# WHAT THE TASK ASKS
Quote word for word the lines below, beginning with the first and ending with the one that has "unnamed part 2". Drop the pictures.

(Stored data)
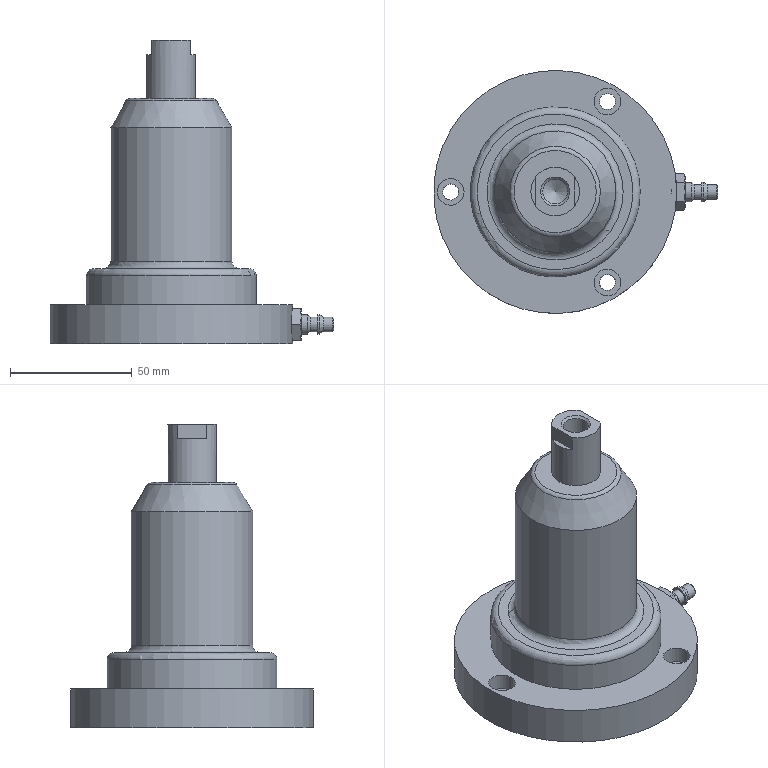Assembly | NX | mm | 14 component files | 14 solids | 268 faces | box 117 x 100 x 125 mm | volume 262783 mm3 | plane 112 | cylinder 78 | cone 41 | torus 32 | spline 5 | commonest cylinder face diameters 6 x20 10 x13 11 x9 40 x6 7 x6 8 x3 6.6 x3 34 x2
Bill of materials:
unnamed part 1 | 1 |  | Plain annular ring with a rectangular cross-section; its axial height is about the same as its radial wall width, so it is thicker than a typical flat washer.
unnamed part 2 | 1 |  | Flanged cylindrical bushing with a through bore. The main cylindrical body ends in a conical chamfered top, and a wider round-edged flange sits at the base, with a small fillet or step where the body meets the flange.
unnamed part 3 | 1 |  | Long slender tubular shaft standing on a flanged base. The base has a circumferential groove between two flange lips, and the top end has a stepped section with at least one flat. A bore opens at the top end.
unnamed part 4 | 1 |  | Thin flat ring with a narrow radial width and small axial thickness, like a washer or shim.
unnamed part 5 | 1 |  | Cylindrical helical coil spring of round wire with constant coil diameter, about 8 active coils with open pitch, and closed end coils.
unnamed part 6 | 6 |  | Solid stepped cylindrical pin: a short larger-diameter base cylinder topped by a smaller-diameter, longer shank with a chamfered free end.
unnamed part 7 | 1 |  | Axisymmetric tubular fitting-like body with a hexagonal collar. A long plain cylinder with a chamfered end extends on one side. On the other side is a stepped spigot: a cylinder, a taper down to a neck, a conical barb-like ridge, and a chamfered nose. A through bore runs along the axis.
unnamed part 8 | 1 |  | Thick circular disk or flange with a short raised central boss. The boss face has a shallow circular recess with a small central conical or countersunk hole. Nine axial through holes run through the disk: six on an inner bolt circle and three on an outer radius. One radial side hole with a spotface or counterbore enters the cylindrical edge.
unnamed part 9 | 1 |  | Flat annular ring or washer with a moderately wide radial width and a uniform rectangular cross-section.
Mates:
1. fix | End_Cap 1 component
2. concentric | End_Cap_Seal 1 arc | End_Cap 1 edge
3. concentric | Air_Cylinder 1 edge | End_Cap 1 arc
4. touch align | Air_Cylinder 1 face | End_Cap 1 face
5. concentric | Piston_Seal 1 arc | Piston_Rod 1 edge
6. touch align | SPRING_CYLINDER_COMPRESSION_1 1 datumaxis | Air_Cylinder 1 face
7. touch align | SPRING_CYLINDER_COMPRESSION_1 1 face | Air_Cylinder 1 face
8. touch align | Piston_Rod 1 face | Air_Cylinder 1 face
9. concentric | Tube_Seal 1 arc | End_Cap 1 edge
10. concentric | Tube_Connector 1 arc | Tube_Seal 1 edge
11. concentric | Hex_Socket_Screw_M6x10 6 edge | End_Cap 1 edge
12. bond | End_Cap 1 component | assembly component
13. bond | Hex_Socket_Screw_M6x10 6 component | assembly component
14. bond | Hex_Socket_Screw_M6x10 5 component | assembly component
15. bond | Hex_Socket_Screw_M6x10 4 component | assembly component
16. bond | Hex_Socket_Screw_M6x10 3 component | assembly component
17. bond | Hex_Socket_Screw_M6x10 2 component | assembly component
18. bond | Hex_Socket_Screw_M6x10 1 component | assembly component
19. circular | assembly datumaxis | assembly cartesiancoordinatesystem | assembly cartesiancoordinatesystem | assembly cartesiancoordinatesystem | assembly cartesiancoordinatesystem | assembly cartesiancoordinatesystem | assembly cartesiancoordinatesystem

# PROBLEM SOLUTION
Assembly | NX | mm | 14 component files | 14 solids | 268 faces | box 117 x 100 x 125 mm | volume 262783 mm3 | plane 112 | cylinder 78 | cone 41 | torus 32 | spline 5 | commonest cylinder face diameters 6 x20 10 x13 11 x9 40 x6 7 x6 8 x3 6.6 x3 34 x2
Bill of materials:
unnamed part 1 | 1 |  | Plain annular ring with a rectangular cross-section; its axial height is about the same as its radial wall width, so it is thicker than a typical flat washer.
unnamed part 2 | 1 |  | Flanged cylindrical bushing with a through bore. The main cylindrical body ends in a conical chamfered top, and a wider round-edged flange sits at the base, with a small fillet or step where the body meets the flange.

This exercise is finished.